**Extracted records**
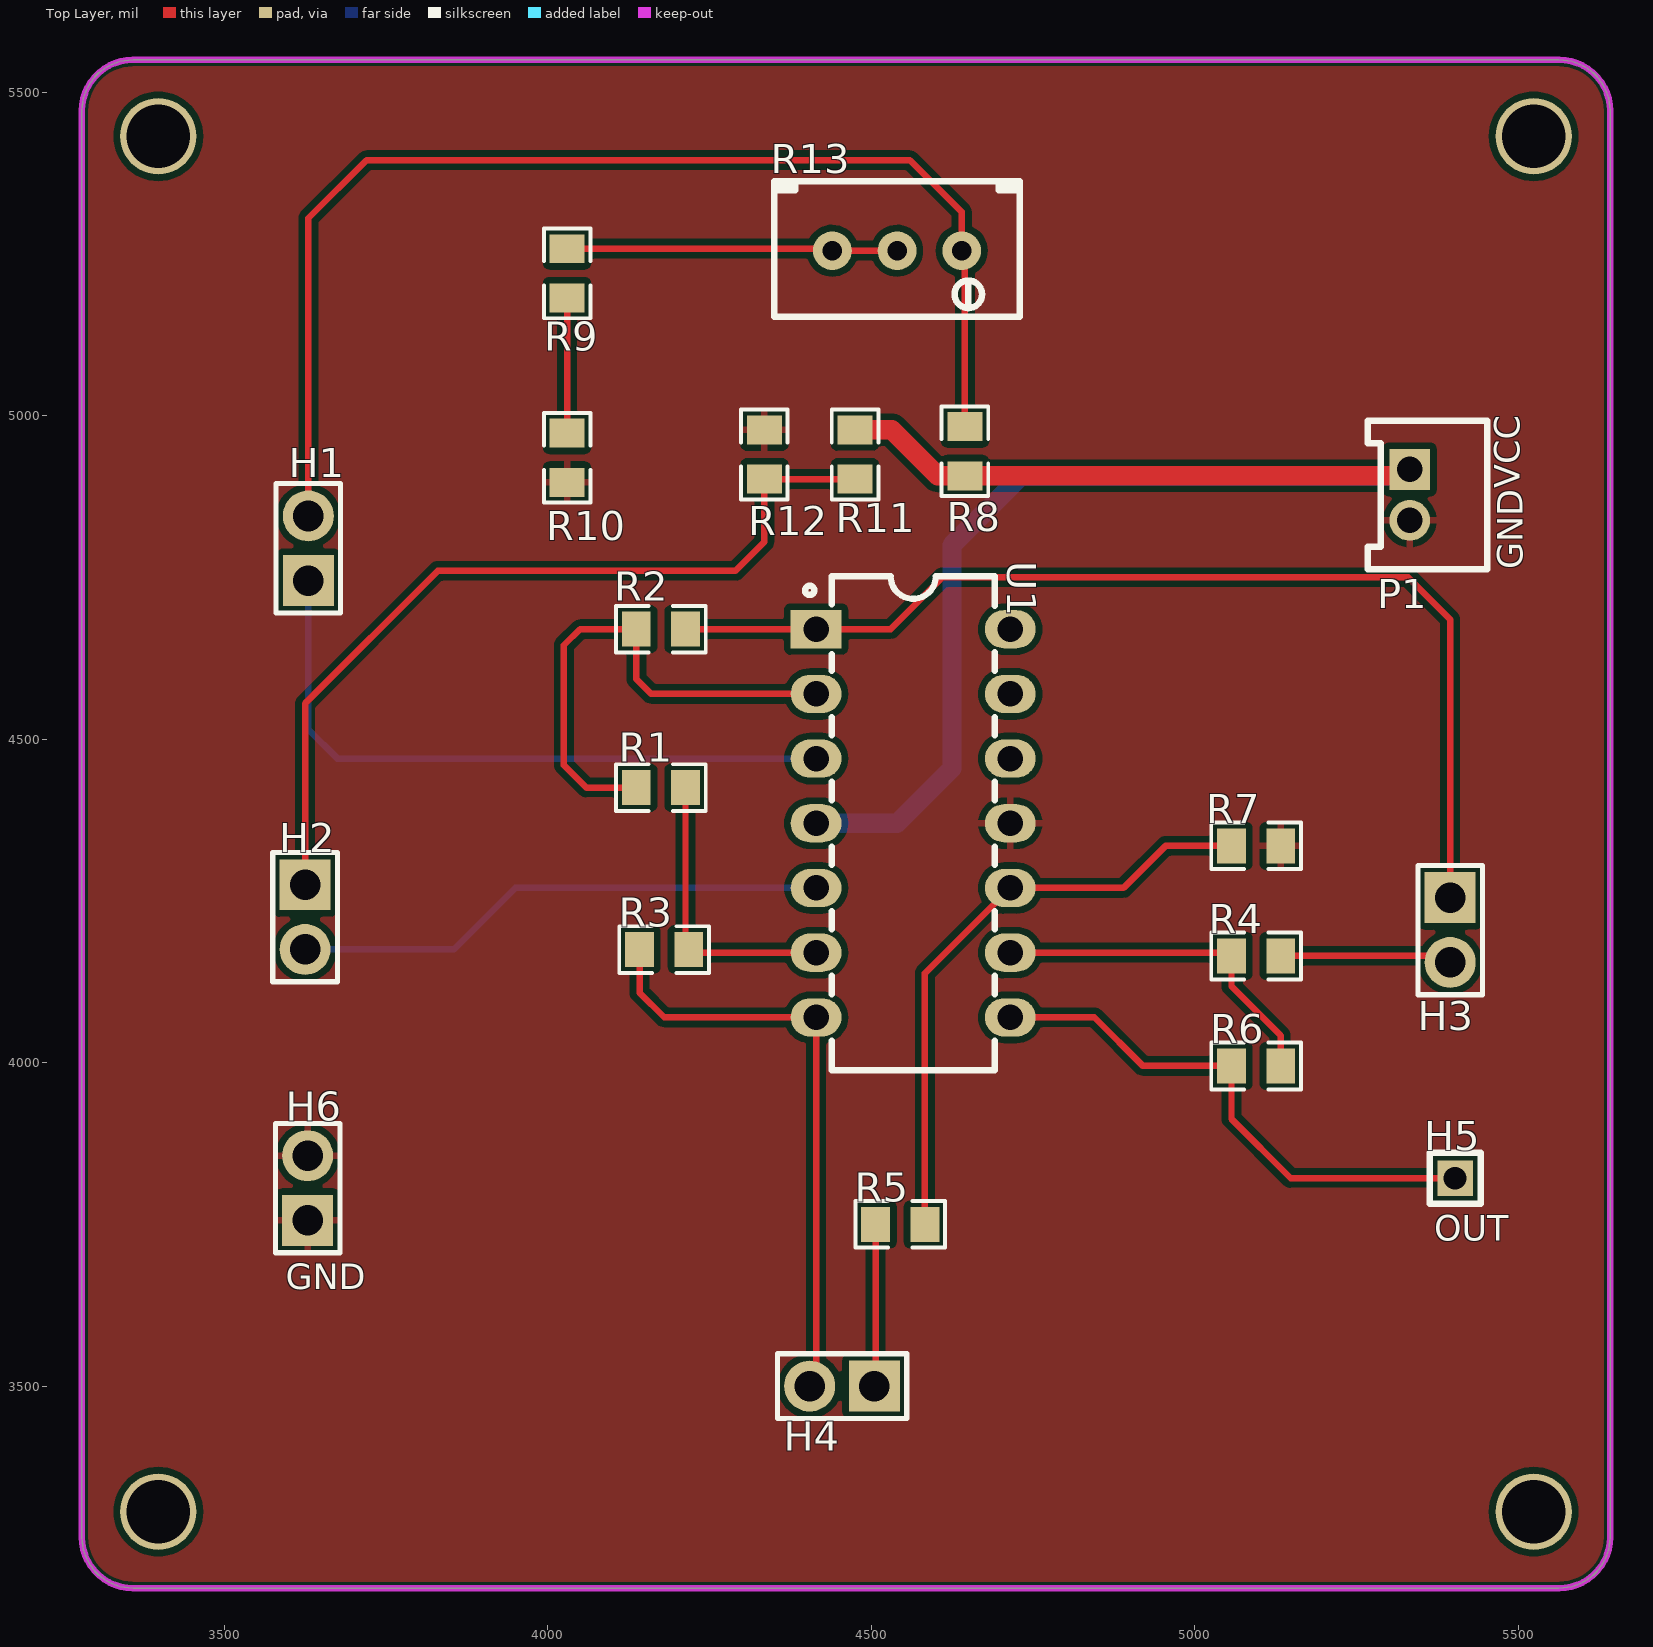
[diagram p0: Top Layer view]
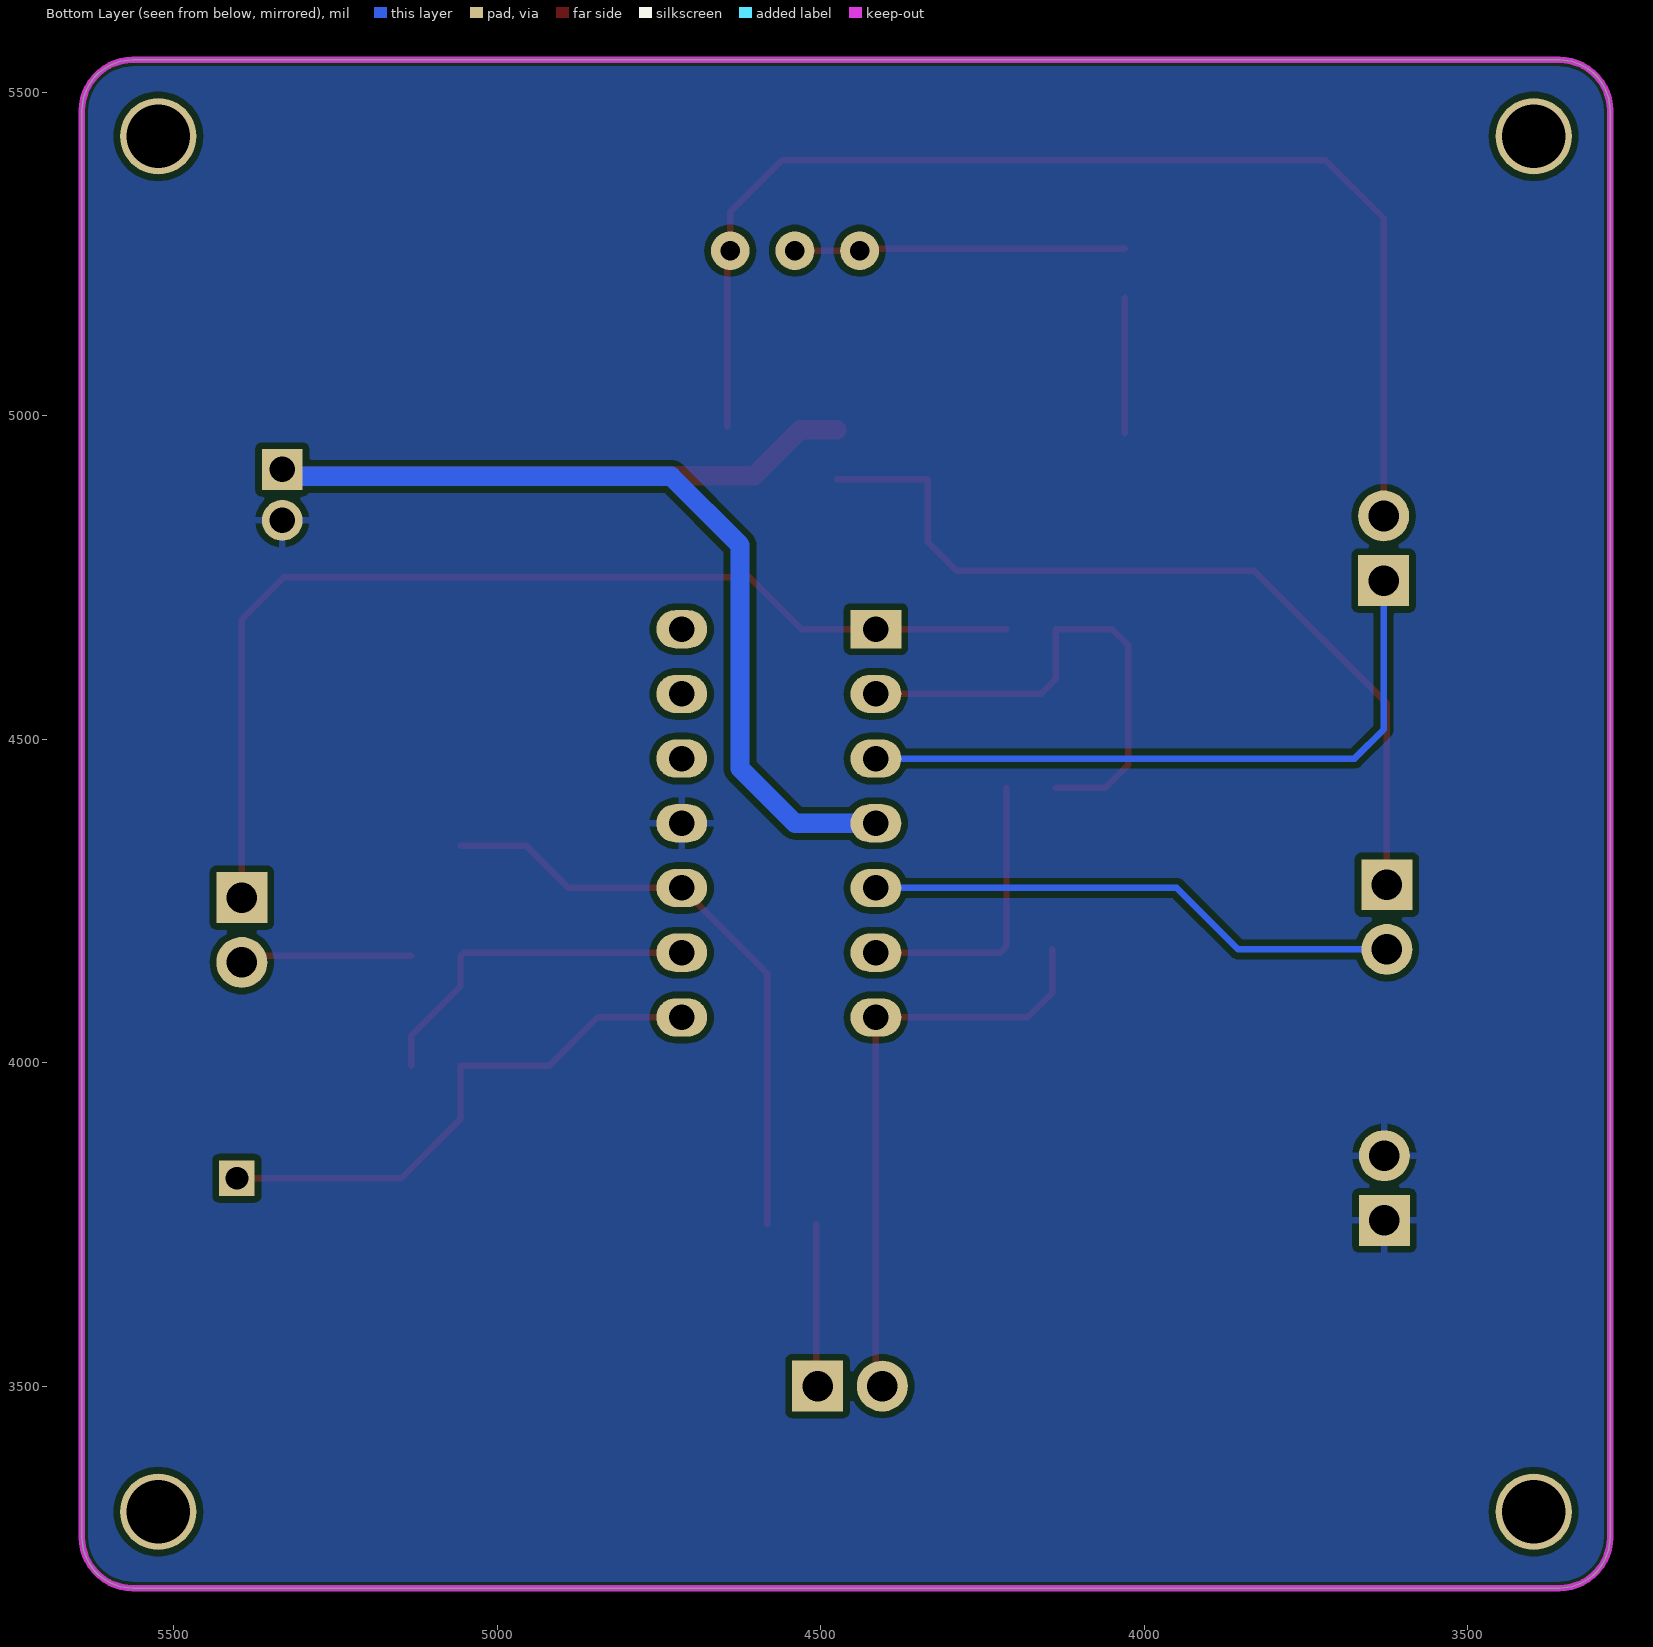
[diagram p1: Bottom Layer view, seen from below]
# Altium PCB MISC89092.pcbdoc
Units mil, origin at the board's own origin, x right, y up, seen from the top; angles counter-clockwise.
Board outline 2362.2 x 2362.2 mil, 2 copper layers (Top Layer, Bottom Layer), stack 62.206 mil thick; 21 components, 17 nets, 58 pads, 0 vias.

## Layer stack, top to bottom
Top Solder Mask Layer: solder mask 0.394, Dk 3.3
Top Layer: signal copper 1.379
Dielectric1: surface 59.449, FR4, Dk 4.5
Bottom Layer: signal copper 1.378
Bottom Solder Mask Layer: solder mask 0.394, Dk 3.3

## Board outline
3358.74,5550 ccw(c3358.74,5471.26) 3280,5471.26 3280,3266.54 ccw(c3358.74,3266.54) 3358.74,3187.8 5563.46,3187.8 ccw(c5563.46,3266.54) 5642.2,3266.54 5642.2,5471.26 ccw(c5563.46,5471.26) 5563.46,5550 3358.74,5550

## Design rules (kind name [scope] priority, off if disabled: settings)
BoardOutlineClearance copperThickness2oz_1 [All] p2 off: genericclearance=7.99 ignorepadtopadclearanceinfootprint=FALSE except(0: Arc-SplitContinuation Track-SplitContinuation SMDPad-SplitContinuation THPad-SplitContinuation Via-SplitContinuation Fill-SplitContinuation Region-SplitContinuation Poly-SplitContinuation Text-SplitContinuation Hole-SplitContinuation; 5.98: Arc-CutoutEdge Track-CutoutEdge SMDPad-CutoutEdge THPad-CutoutEdge Via-CutoutEdge Text-CutoutEdge; 6.9: Hole-OutlineEdge Hole-CutoutEdge; 10: Poly-OutlineEdge Poly-CutoutEdge; 11.81: Arc-OutlineEdge Track-OutlineEdge SMDPad-OutlineEdge THPad-OutlineEdge Via-OutlineEdge Fill-OutlineEdge Region-OutlineEdge Text-OutlineEdge Fill-CutoutEdge Region-CutoutEdge)
BoardOutlineClearance Plane_innerPlane_1 [All] p4 off: genericclearance=4.02 ignorepadtopadclearanceinfootprint=FALSE except(0: Arc-SplitContinuation Track-SplitContinuation SMDPad-SplitContinuation THPad-SplitContinuation Via-SplitContinuation Fill-SplitContinuation Region-SplitContinuation Poly-SplitContinuation Text-SplitContinuation Hole-SplitContinuation; 5.98: Arc-CutoutEdge Track-CutoutEdge SMDPad-CutoutEdge THPad-CutoutEdge Via-CutoutEdge Text-CutoutEdge; 6.9: Hole-OutlineEdge Hole-CutoutEdge; 10: Poly-OutlineEdge Poly-CutoutEdge; 11.81: Arc-OutlineEdge Track-OutlineEdge SMDPad-OutlineEdge THPad-OutlineEdge Via-OutlineEdge Fill-OutlineEdge Region-OutlineEdge Text-OutlineEdge Fill-CutoutEdge Region-CutoutEdge)
BoardOutlineClearance Copper_copperRegion_1 [All] p6 off: genericclearance=4.02 ignorepadtopadclearanceinfootprint=FALSE except(0: Arc-SplitContinuation Track-SplitContinuation SMDPad-SplitContinuation THPad-SplitContinuation Via-SplitContinuation Fill-SplitContinuation Region-SplitContinuation Poly-SplitContinuation Text-SplitContinuation Hole-SplitContinuation; 5.98: Arc-CutoutEdge Track-CutoutEdge SMDPad-CutoutEdge THPad-CutoutEdge Via-CutoutEdge Text-CutoutEdge; 6.9: Hole-OutlineEdge Hole-CutoutEdge; 10: Poly-OutlineEdge Poly-CutoutEdge; 11.81: Arc-OutlineEdge Track-OutlineEdge SMDPad-OutlineEdge THPad-OutlineEdge Via-OutlineEdge Fill-OutlineEdge Region-OutlineEdge Text-OutlineEdge Fill-CutoutEdge Region-CutoutEdge)
BoardOutlineClearance copperThickness1oz_1 [All] p8: genericclearance=4.02 ignorepadtopadclearanceinfootprint=FALSE except(0: Arc-SplitContinuation Track-SplitContinuation SMDPad-SplitContinuation THPad-SplitContinuation Via-SplitContinuation Fill-SplitContinuation Region-SplitContinuation Poly-SplitContinuation Text-SplitContinuation Hole-SplitContinuation; 5.98: Arc-CutoutEdge Track-CutoutEdge SMDPad-CutoutEdge THPad-CutoutEdge Via-CutoutEdge Text-CutoutEdge; 6.9: Hole-OutlineEdge Hole-CutoutEdge; 10: Poly-OutlineEdge Poly-CutoutEdge; 11.81: Arc-OutlineEdge Track-OutlineEdge SMDPad-OutlineEdge THPad-OutlineEdge Via-OutlineEdge Fill-OutlineEdge Region-OutlineEdge Text-OutlineEdge Fill-CutoutEdge Region-CutoutEdge)
Clearance copperThickness2oz [All] p1 off: gap=7.99 ignorepadtopadclearanceinfootprint=FALSE except(5.98: SMDPad-Track SMDPad-SMDPad THPad-Track SMDPad-THPad THPad-THPad Track-Via SMDPad-Via THPad-Via Via-Via Fill-SMDPad Region-SMDPad Fill-THPad Region-THPad Fill-Via Region-Via Fill-Fill Fill-Region Region-Region Arc-Track Arc-SMDPad Arc-THPad Arc-Via Fill-Arc Region-Arc Arc-Arc Text-Track SMDPad-Text Text-THPad Text-Via Fill-Text Region-Text Arc-Text Text-Text; 6.9: Hole-Track Hole-SMDPad Hole-THPad Hole-Via Fill-Hole Region-Hole Hole-Arc Hole-Text; 10: Poly-Track Poly-SMDPad Poly-THPad Poly-Via Poly-Fill Poly-Region Poly-Poly Poly-Arc Poly-Text Poly-Hole; 11.81: Fill-Track Region-Track)
Clearance Plane_innerPlane [All] p3 off: gap=4.02 ignorepadtopadclearanceinfootprint=FALSE except(5.98: SMDPad-Track SMDPad-SMDPad THPad-Track SMDPad-THPad THPad-THPad Track-Via SMDPad-Via THPad-Via Via-Via Fill-SMDPad Region-SMDPad Fill-THPad Region-THPad Fill-Via Region-Via Fill-Fill Fill-Region Region-Region Arc-Track Arc-SMDPad Arc-THPad Arc-Via Fill-Arc Region-Arc Arc-Arc Text-Track SMDPad-Text Text-THPad Text-Via Fill-Text Region-Text Arc-Text Text-Text; 6.9: Hole-Track Hole-SMDPad Hole-THPad Hole-Via Fill-Hole Region-Hole Hole-Arc Hole-Text; 10: Poly-Track Poly-SMDPad Poly-THPad Poly-Via Poly-Fill Poly-Region Poly-Poly Poly-Arc Poly-Text Poly-Hole; 11.81: Fill-Track Region-Track)
Clearance Copper_copperRegion [All] p5 off: gap=4.02 ignorepadtopadclearanceinfootprint=FALSE except(5.98: SMDPad-Track SMDPad-SMDPad THPad-Track SMDPad-THPad THPad-THPad Track-Via SMDPad-Via THPad-Via Via-Via Fill-SMDPad Region-SMDPad Fill-THPad Region-THPad Fill-Via Region-Via Fill-Fill Fill-Region Region-Region Arc-Track Arc-SMDPad Arc-THPad Arc-Via Fill-Arc Region-Arc Arc-Arc Text-Track SMDPad-Text Text-THPad Text-Via Fill-Text Region-Text Arc-Text Text-Text; 6.9: Hole-Track Hole-SMDPad Hole-THPad Hole-Via Fill-Hole Region-Hole Hole-Arc Hole-Text; 10: Poly-Track Poly-SMDPad Poly-THPad Poly-Via Poly-Fill Poly-Region Poly-Poly Poly-Arc Poly-Text Poly-Hole; 11.81: Fill-Track Region-Track)
Clearance copperThickness1oz [All] p7: gap=4.02 ignorepadtopadclearanceinfootprint=FALSE except(5.98: SMDPad-Track SMDPad-SMDPad THPad-Track SMDPad-THPad THPad-THPad Track-Via SMDPad-Via THPad-Via Via-Via Fill-SMDPad Region-SMDPad Fill-THPad Region-THPad Fill-Via Region-Via Fill-Fill Fill-Region Region-Region Arc-Track Arc-SMDPad Arc-THPad Arc-Via Fill-Arc Region-Arc Arc-Arc Text-Track SMDPad-Text Text-THPad Text-Via Fill-Text Region-Text Arc-Text Text-Text; 6.9: Hole-Track Hole-SMDPad Hole-THPad Hole-Via Fill-Hole Region-Hole Hole-Arc Hole-Text; 10: Poly-Track Poly-SMDPad Poly-THPad Poly-Via Poly-Fill Poly-Region Poly-Poly Poly-Arc Poly-Text Poly-Hole; 11.81: Fill-Track Region-Track)
DiffPairsRouting differentialPair [All] p1: maxlimit=6 minlimit=6 mostfreqgap=6 toplayer_minwidth=5 toplayer_prefwidth=10 toplayer_maxwidth=100 toplayer_mingap=6 toplayer_prefgap=6 toplayer_maxgap=6 bottomlayer_minwidth=5 bottomlayer_prefwidth=10 bottomlayer_maxwidth=100 bottomlayer_mingap=6 bottomlayer_prefgap=6 bottomlayer_maxgap=6 maxuncoupledlength=10
HoleToHoleClearance otherClearance [All] p1: gap=11.81 allowstackedmicrovias=TRUE
Length netLength [All] p1: minlimit=0 maxlimit=0
PasteMaskExpansion pasteMaskExpansion [All] p1: expansion=0
PlaneConnect innerPlane [All] p1: planeconnectstyle=Relief reliefexpansion=20 reliefentries=4 reliefconductorwidth=10 reliefairgap=10
PolygonConnect copperRegion [All] p1: connectstyle=Relief reliefconductorwidth=10 reliefentries=4 polygonreliefangle="90 Angle" airgapwidth=10 via.connectstyle=Relief via.reliefconductorwidth=10 via.reliefentries=4 via.polygonreliefangle="90 Angle" via.airgapwidth=10
RoutingVias viaSize [All] p1: holewidth=12.01 width=24.02 viastyle="Through Hole" minholewidth=11.81 minwidth=19.68 maxholewidth=248.03 maxwidth=393.7
SolderMaskExpansion solderMaskExpansion [IsVia] p1: expansion=-1000 istentingtop=TRUE
SolderMaskExpansion solderMaskExpansion [All] p2: expansion=2 istentingtop=FALSE
Width copperThickness2oz_2 [All] p1 off: maxlimit=100 minlimit=8 preferedwidth=10
Width copperThickness1oz_2 [All] p2: maxlimit=100 minlimit=5 preferedwidth=10

## Components (designator, comment, footprint, x,y, rotation, side; value= is the part's Value field where it differs from the comment)
H1 "PZ254V-11-02P" HDR-TH_2P-P2.54-V-M 3630,4795 r90 top
H2 "PZ254V-11-02P" HDR-TH_2P-P2.54-V-M 3625,4225 r270 top
H3 "PZ254V-11-02P" HDR-TH_2P-P2.54-V-M 5395,4205 r270 top
H4 "PZ254V-11-02P" HDR-TH_2P-P2.54-V-M 4455,3500 r180 top
H5 "" HDR-TH_1P-V-M_XKB_X4611WV-01I-C28D40 5402.61,3821.39 r270 top
H6 "PZ254V-11-02P" HDR-TH_2P-P2.54-V-M 3629.05,3806.1 r90 top
P1 "PH-2A" CONN-TH_2P-P2.00_PH-2A_C2319 5332.5,4877.5 r90 top
R1 "2K" R0805_1 4175,4425 r180 top
R2 "5K" R0805_1 4175,4670 r0 top
R3 "5K" R0805_1 4180,4175 r0 top
R4 "2K" R0805_1 5095,4165 r0 top
R5 "2K" R0805_1 4545,3750 r180 top
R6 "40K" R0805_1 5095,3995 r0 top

**Your assignment**
Your answer must be the lines from the one with "from the comment)" through the last line of the data, repeated exactly and with nothing else.

**Response**
## Components (designator, comment, footprint, x,y, rotation, side; value= is the part's Value field where it differs from the comment)
H1 "PZ254V-11-02P" HDR-TH_2P-P2.54-V-M 3630,4795 r90 top
H2 "PZ254V-11-02P" HDR-TH_2P-P2.54-V-M 3625,4225 r270 top
H3 "PZ254V-11-02P" HDR-TH_2P-P2.54-V-M 5395,4205 r270 top
H4 "PZ254V-11-02P" HDR-TH_2P-P2.54-V-M 4455,3500 r180 top
H5 "" HDR-TH_1P-V-M_XKB_X4611WV-01I-C28D40 5402.61,3821.39 r270 top
H6 "PZ254V-11-02P" HDR-TH_2P-P2.54-V-M 3629.05,3806.1 r90 top
P1 "PH-2A" CONN-TH_2P-P2.00_PH-2A_C2319 5332.5,4877.5 r90 top
R1 "2K" R0805_1 4175,4425 r180 top
R2 "5K" R0805_1 4175,4670 r0 top
R3 "5K" R0805_1 4180,4175 r0 top
R4 "2K" R0805_1 5095,4165 r0 top
R5 "2K" R0805_1 4545,3750 r180 top
R6 "40K" R0805_1 5095,3995 r0 top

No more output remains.